Segment Open
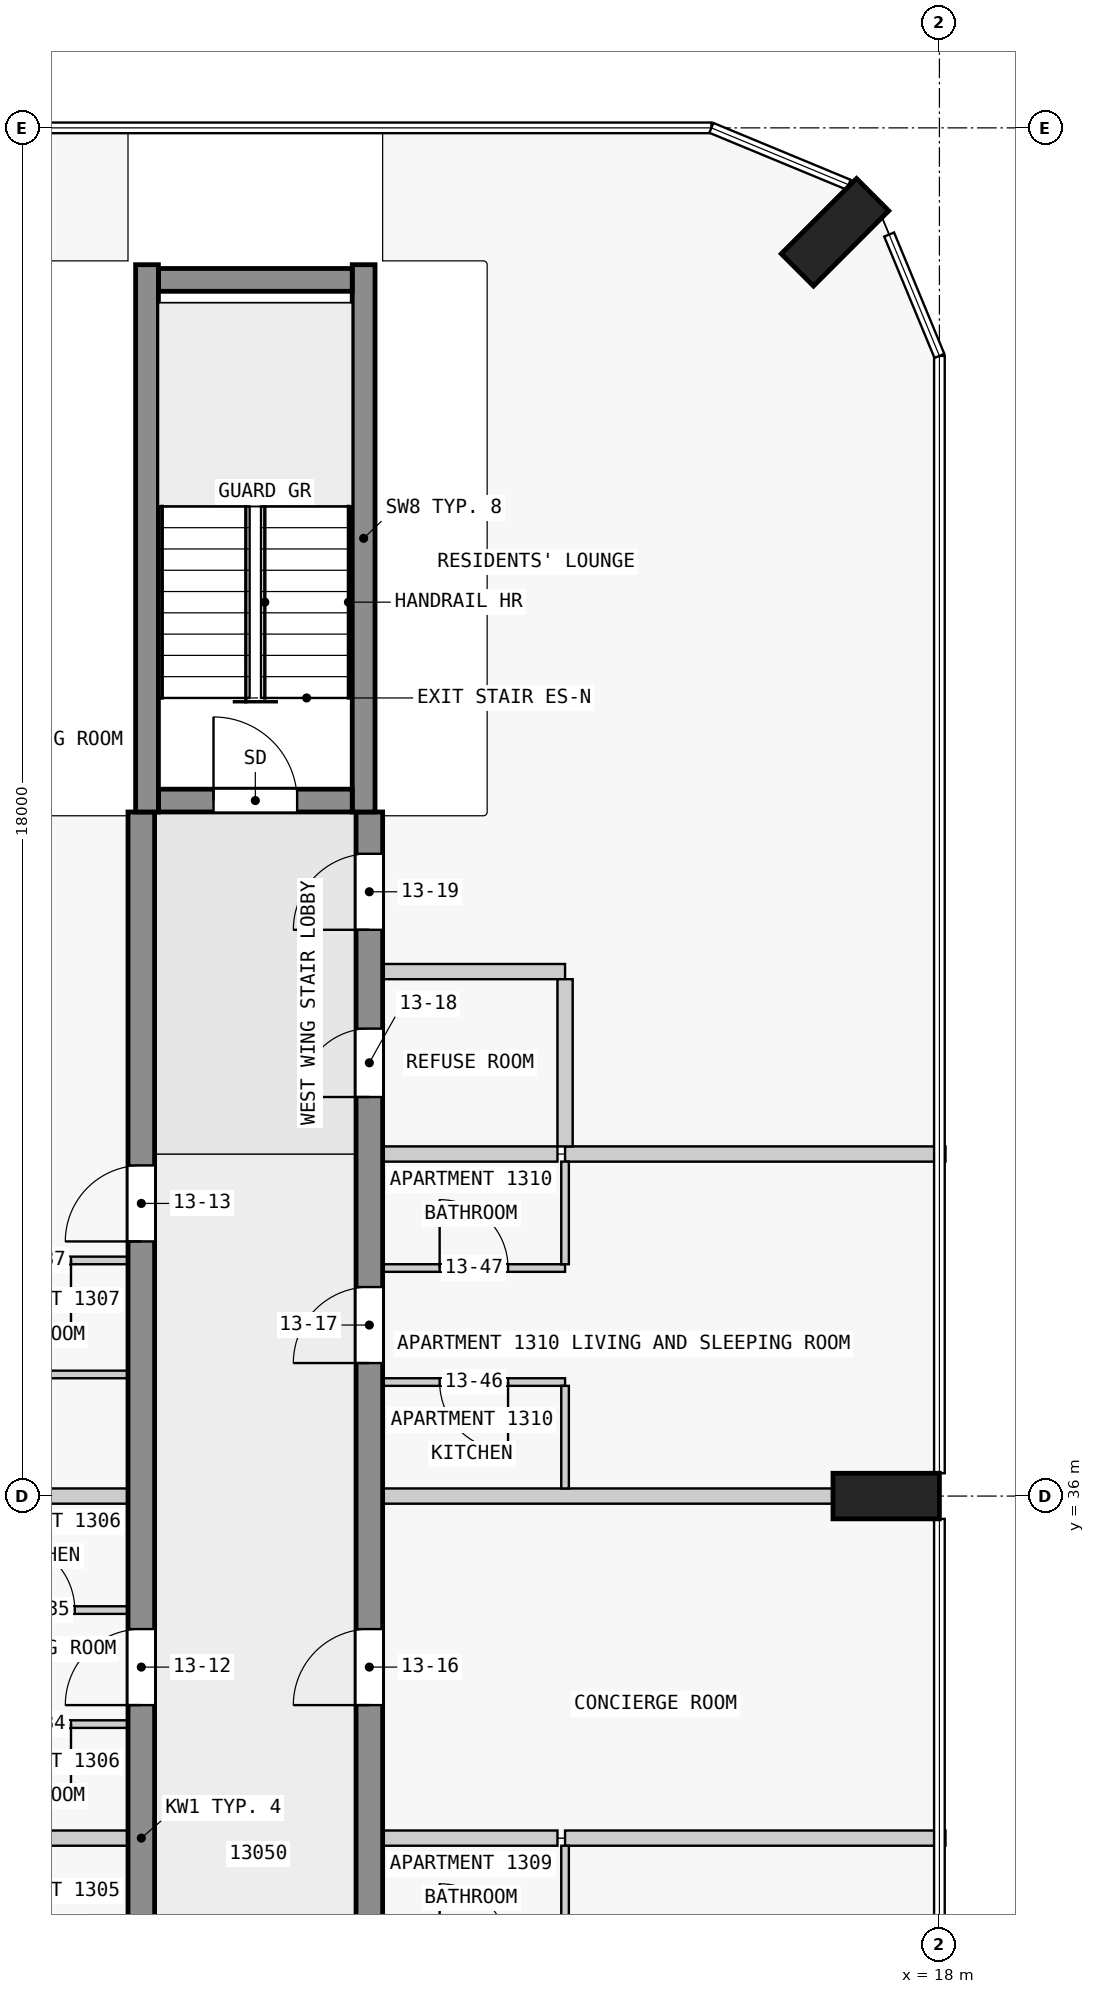
"""IFC4 building model, lengths in metres.
Left out: names, types, materials, properties, quantities, classifications, styles, units other than length and angle.
Written with IfcOpenShell. Run it as: python <this file> out.ifc"""

import sys

from ifc_helpers import new_model, si_unit, direction, frame, frame_2d, origin, origin_2d, place, context, subcontext, project, spatial, rectangle, extrude, element, fill, save


model = new_model("IFC4")
c1 = context("Model", 3, precision=1e-05, world=origin(), true_north=direction((0.0, 1.0)))
c2 = subcontext(c1, "Body", "Model", "MODEL_VIEW")
j1 = project(units=[si_unit("LENGTHUNIT", "METRE"), si_unit("PLANEANGLEUNIT", "RADIAN")], contexts=[c1])
p1 = place(None, origin())
s1 = spatial("IfcSite", under=j1, at=p1, CompositionType="ELEMENT")
p2 = place(p1, origin())
s2 = spatial("IfcBuilding", under=s1, at=p2, CompositionType="ELEMENT")
p3 = place(p2, frame((0.0, 0.0, 54.8)))
s3 = spatial("IfcBuildingStorey", under=s2, at=p3, CompositionType="ELEMENT", Elevation=54.8)
for number, where, z_axis, x_axis in (
    (1, (17.3, 36.0, 0.0), (0.0, 0.0, 1.0), (0.0, 1.0, 0.0)),
    (2, (16.626, 52.626, 0.0), (0.0, 0.0, 1.0), (-0.707, 0.707, 0.0)),
):
    element("IfcColumn", number, at=place(p3, frame(where, z_axis=z_axis, x_axis=x_axis)), inside=s3, PredefinedType="COLUMN", context=c2, shape_type="SweptSolid", body=[
        extrude(rectangle(XDim=0.6, YDim=1.4, at=origin_2d()), origin(), (0.0, 0.0, 1.0), 3.5),
    ])
p4 = place(p3, frame((7.725, 45.15, 0.0), z_axis=(0.0, 0.0, 1.0), x_axis=(1.0, 0.0, 0.0)))
e3 = element("IfcWall", 3, at=p4, inside=s3, PredefinedType="SHEAR", context=c2, shape_type="SweptSolid", body=[
    extrude(rectangle(XDim=2.55, YDim=0.3, at=frame_2d((1.275, 0.0))), origin(), (0.0, 0.0, 1.0), 3.5),
])
p5 = place(p4, frame((0.725, 0.0, 0.0)))
e4 = element("IfcOpeningElement", 4, at=p5, cuts=e3, PredefinedType="OPENING", context=c2, shape_type="SweptSolid", body=[
    extrude(rectangle(XDim=1.1, YDim=2.1, at=frame_2d((0.55, 1.05))), frame((0.0, 0.16, 0.0), z_axis=(0.0, -1.0, 0.0), x_axis=(1.0, 0.0, 0.0)), (0.0, 0.0, 1.0), 0.32),
])
p6 = place(p3, frame((7.725, 52.0, 0.0), z_axis=(0.0, 0.0, 1.0), x_axis=(1.0, 0.0, 0.0)))
e5 = element("IfcWall", 5, at=p6, inside=s3, PredefinedType="SHEAR", context=c2, shape_type="SweptSolid", body=[
    extrude(rectangle(XDim=2.55, YDim=0.3, at=frame_2d((1.275, 0.0))), origin(), (0.0, 0.0, 1.0), 3.5),
])
for number, where, z_axis, x_axis in (
    (6, (7.575, 45.0, 0.0), (0.0, 0.0, 1.0), (0.0, 1.0, 0.0)),
    (7, (10.425, 45.0, 0.0), (0.0, 0.0, 1.0), (0.0, 1.0, 0.0)),
):
    element("IfcWall", number, at=place(p3, frame(where, z_axis=z_axis, x_axis=x_axis)), inside=s3, PredefinedType="SHEAR", context=c2, shape_type="SweptSolid", body=[
        extrude(rectangle(XDim=7.2, YDim=0.3, at=frame_2d((3.6, 0.0))), origin(), (0.0, 0.0, 1.0), 3.5),
    ])
p7 = place(p3, frame((7.5, 18.0, 0.0), z_axis=(0.0, 0.0, 1.0), x_axis=(0.0, 1.0, 0.0)))
e8 = element("IfcWall", 8, at=p7, inside=s3, PredefinedType="SHEAR", context=c2, shape_type="SweptSolid", body=[
    extrude(rectangle(XDim=27.0, YDim=0.35, at=frame_2d((13.5, 0.0))), origin(), (0.0, 0.0, 1.0), 3.25),
])
p8 = place(p7, frame((1.75, 0.0, 0.0)))
e9 = element("IfcOpeningElement", 9, at=p8, cuts=e8, PredefinedType="OPENING", context=c2, shape_type="SweptSolid", body=[
    extrude(rectangle(XDim=1.0, YDim=2.1, at=frame_2d((0.5, 1.05))), frame((0.0, 0.185, 0.0), z_axis=(0.0, -1.0, 0.0), x_axis=(1.0, 0.0, 0.0)), (0.0, 0.0, 1.0), 0.37),
])
p9 = place(p7, frame((8.55, 0.0, 0.0)))
e10 = element("IfcOpeningElement", 10, at=p9, cuts=e8, PredefinedType="OPENING", context=c2, shape_type="SweptSolid", body=[
    extrude(rectangle(XDim=1.0, YDim=2.1, at=frame_2d((0.5, 1.05))), frame((0.0, 0.185, 0.0), z_axis=(0.0, -1.0, 0.0), x_axis=(1.0, 0.0, 0.0)), (0.0, 0.0, 1.0), 0.37),
])
p10 = place(p7, frame((15.25, 0.0, 0.0)))
e11 = element("IfcOpeningElement", 11, at=p10, cuts=e8, PredefinedType="OPENING", context=c2, shape_type="SweptSolid", body=[
    extrude(rectangle(XDim=1.0, YDim=2.1, at=frame_2d((0.5, 1.05))), frame((0.0, 0.185, 0.0), z_axis=(0.0, -1.0, 0.0), x_axis=(1.0, 0.0, 0.0)), (0.0, 0.0, 1.0), 0.37),
])
p11 = place(p7, frame((21.35, 0.0, 0.0)))
e12 = element("IfcOpeningElement", 12, at=p11, cuts=e8, PredefinedType="OPENING", context=c2, shape_type="SweptSolid", body=[
    extrude(rectangle(XDim=1.0, YDim=2.1, at=frame_2d((0.5, 1.05))), frame((0.0, 0.185, 0.0), z_axis=(0.0, -1.0, 0.0), x_axis=(1.0, 0.0, 0.0)), (0.0, 0.0, 1.0), 0.37),
])
p12 = place(p3, frame((10.5, 18.0, 0.0), z_axis=(0.0, 0.0, 1.0), x_axis=(0.0, 1.0, 0.0)))
e13 = element("IfcWall", 13, at=p12, inside=s3, PredefinedType="SHEAR", context=c2, shape_type="SweptSolid", body=[
    extrude(rectangle(XDim=27.0, YDim=0.35, at=frame_2d((13.5, 0.0))), origin(), (0.0, 0.0, 1.0), 3.25),
])
p13 = place(p12, frame((4.05, 0.0, 0.0)))
e14 = element("IfcOpeningElement", 14, at=p13, cuts=e13, PredefinedType="OPENING", context=c2, shape_type="SweptSolid", body=[
    extrude(rectangle(XDim=1.0, YDim=2.1, at=frame_2d((0.5, 1.05))), frame((0.0, 0.185, 0.0), z_axis=(0.0, -1.0, 0.0), x_axis=(1.0, 0.0, 0.0)), (0.0, 0.0, 1.0), 0.37),
])
p14 = place(p12, frame((10.75, 0.0, 0.0)))
e15 = element("IfcOpeningElement", 15, at=p14, cuts=e13, PredefinedType="OPENING", context=c2, shape_type="SweptSolid", body=[
    extrude(rectangle(XDim=1.0, YDim=2.1, at=frame_2d((0.5, 1.05))), frame((0.0, 0.185, 0.0), z_axis=(0.0, -1.0, 0.0), x_axis=(1.0, 0.0, 0.0)), (0.0, 0.0, 1.0), 0.37),
])
p15 = place(p12, frame((15.25, 0.0, 0.0)))
e16 = element("IfcOpeningElement", 16, at=p15, cuts=e13, PredefinedType="OPENING", context=c2, shape_type="SweptSolid", body=[
    extrude(rectangle(XDim=1.0, YDim=2.1, at=frame_2d((0.5, 1.05))), frame((0.0, 0.185, 0.0), z_axis=(0.0, -1.0, 0.0), x_axis=(1.0, 0.0, 0.0)), (0.0, 0.0, 1.0), 0.37),
])
p16 = place(p12, frame((19.75, 0.0, 0.0)))
e17 = element("IfcOpeningElement", 17, at=p16, cuts=e13, PredefinedType="OPENING", context=c2, shape_type="SweptSolid", body=[
    extrude(rectangle(XDim=1.0, YDim=2.1, at=frame_2d((0.5, 1.05))), frame((0.0, 0.185, 0.0), z_axis=(0.0, -1.0, 0.0), x_axis=(1.0, 0.0, 0.0)), (0.0, 0.0, 1.0), 0.37),
])
p17 = place(p12, frame((23.25, 0.0, 0.0)))
e18 = element("IfcOpeningElement", 18, at=p17, cuts=e13, PredefinedType="OPENING", context=c2, shape_type="SweptSolid", body=[
    extrude(rectangle(XDim=0.9, YDim=2.1, at=frame_2d((0.45, 1.05))), frame((0.0, 0.185, 0.0), z_axis=(0.0, -1.0, 0.0), x_axis=(1.0, 0.0, 0.0)), (0.0, 0.0, 1.0), 0.37),
])
p18 = place(p12, frame((25.45, 0.0, 0.0)))
e19 = element("IfcOpeningElement", 19, at=p18, cuts=e13, PredefinedType="OPENING", context=c2, shape_type="SweptSolid", body=[
    extrude(rectangle(XDim=1.0, YDim=2.1, at=frame_2d((0.5, 1.05))), frame((0.0, 0.185, 0.0), z_axis=(0.0, -1.0, 0.0), x_axis=(1.0, 0.0, 0.0)), (0.0, 0.0, 1.0), 0.37),
])
p19 = place(p3, frame((7.325, 31.5, 0.0), z_axis=(0.0, 0.0, 1.0), x_axis=(-1.0, 0.0, 0.0)))
e20 = element("IfcWall", 20, at=p19, inside=s3, PredefinedType="PARTITIONING", context=c2, shape_type="SweptSolid", body=[
    extrude(rectangle(XDim=7.175, YDim=0.2, at=frame_2d((3.587, 0.0))), origin(), (0.0, 0.0, 1.0), 3.25),
])
p20 = place(p3, frame((12.975, 31.5, 0.0), z_axis=(0.0, 0.0, 1.0), x_axis=(-1.0, 0.0, 0.0)))
e21 = element("IfcWall", 21, at=p20, inside=s3, PredefinedType="PARTITIONING", context=c2, shape_type="SweptSolid", body=[
    extrude(rectangle(XDim=2.3, YDim=0.2, at=frame_2d((1.15, 0.0))), origin(), (0.0, 0.0, 1.0), 3.25),
])
p21 = place(p3, frame((13.075, 31.5, 0.0), z_axis=(0.0, 0.0, 1.0), x_axis=(1.0, 0.0, 0.0)))
e22 = element("IfcWall", 22, at=p21, inside=s3, PredefinedType="PARTITIONING", context=c2, shape_type="SweptSolid", body=[
    extrude(rectangle(XDim=5.005, YDim=0.2, at=frame_2d((2.502, 0.0))), origin(), (0.0, 0.0, 1.0), 3.25),
])
p22 = place(p3, frame((7.325, 33.0, 0.0), z_axis=(0.0, 0.0, 1.0), x_axis=(-1.0, 0.0, 0.0)))
e23 = element("IfcWall", 23, at=p22, inside=s3, PredefinedType="PARTITIONING", context=c2, shape_type="SweptSolid", body=[
    extrude(rectangle(XDim=2.35, YDim=0.1, at=frame_2d((1.175, 0.0))), origin(), (0.0, 0.0, 1.0), 3.25),
])
p23 = place(p22, frame((0.75, 0.0, 0.0)))
e24 = element("IfcOpeningElement", 24, at=p23, cuts=e23, PredefinedType="OPENING", context=c2, shape_type="SweptSolid", body=[
    extrude(rectangle(XDim=0.9, YDim=2.1, at=frame_2d((0.45, 1.05))), frame((0.0, 0.06, 0.0), z_axis=(0.0, -1.0, 0.0), x_axis=(1.0, 0.0, 0.0)), (0.0, 0.0, 1.0), 0.12),
])
p24 = place(p3, frame((4.975, 34.5, 0.0), z_axis=(0.0, 0.0, 1.0), x_axis=(1.0, 0.0, 0.0)))
e25 = element("IfcWall", 25, at=p24, inside=s3, PredefinedType="PARTITIONING", context=c2, shape_type="SweptSolid", body=[
    extrude(rectangle(XDim=2.35, YDim=0.1, at=frame_2d((1.175, 0.0))), origin(), (0.0, 0.0, 1.0), 3.25),
])
p25 = place(p24, frame((0.75, 0.0, 0.0)))
e26 = element("IfcOpeningElement", 26, at=p25, cuts=e25, PredefinedType="OPENING", context=c2, shape_type="SweptSolid", body=[
    extrude(rectangle(XDim=0.9, YDim=2.1, at=frame_2d((0.45, 1.05))), frame((0.0, 0.06, 0.0), z_axis=(0.0, -1.0, 0.0), x_axis=(1.0, 0.0, 0.0)), (0.0, 0.0, 1.0), 0.12),
])
p26 = place(p3, frame((7.325, 36.0, 0.0), z_axis=(0.0, 0.0, 1.0), x_axis=(-1.0, 0.0, 0.0)))
e27 = element("IfcWall", 27, at=p26, inside=s3, PredefinedType="PARTITIONING", context=c2, shape_type="SweptSolid", body=[
    extrude(rectangle(XDim=2.3, YDim=0.2, at=frame_2d((1.15, 0.0))), origin(), (0.0, 0.0, 1.0), 3.25),
])
p27 = place(p3, frame((16.6, 36.0, 0.0), z_axis=(0.0, 0.0, 1.0), x_axis=(-1.0, 0.0, 0.0)))
e28 = element("IfcWall", 28, at=p27, inside=s3, PredefinedType="PARTITIONING", context=c2, shape_type="SweptSolid", body=[
    extrude(rectangle(XDim=5.925, YDim=0.2, at=frame_2d((2.962, 0.0))), origin(), (0.0, 0.0, 1.0), 3.25),
])
p28 = place(p3, frame((13.075, 37.5, 0.0), z_axis=(0.0, 0.0, 1.0), x_axis=(-1.0, 0.0, 0.0)))
e29 = element("IfcWall", 29, at=p28, inside=s3, PredefinedType="PARTITIONING", context=c2, shape_type="SweptSolid", body=[
    extrude(rectangle(XDim=2.4, YDim=0.1, at=frame_2d((1.2, 0.0))), origin(), (0.0, 0.0, 1.0), 3.25),
])
p29 = place(p28, frame((0.75, 0.0, 0.0)))
e30 = element("IfcOpeningElement", 30, at=p29, cuts=e29, PredefinedType="OPENING", context=c2, shape_type="SweptSolid", body=[
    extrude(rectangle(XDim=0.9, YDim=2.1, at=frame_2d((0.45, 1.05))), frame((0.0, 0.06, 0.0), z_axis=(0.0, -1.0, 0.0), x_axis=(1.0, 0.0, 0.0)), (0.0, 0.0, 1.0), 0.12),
Segment Closed
ACTIVITY
Using the material, count every line where the word "project" appears and give only the number.

OUTPUT BELOW
2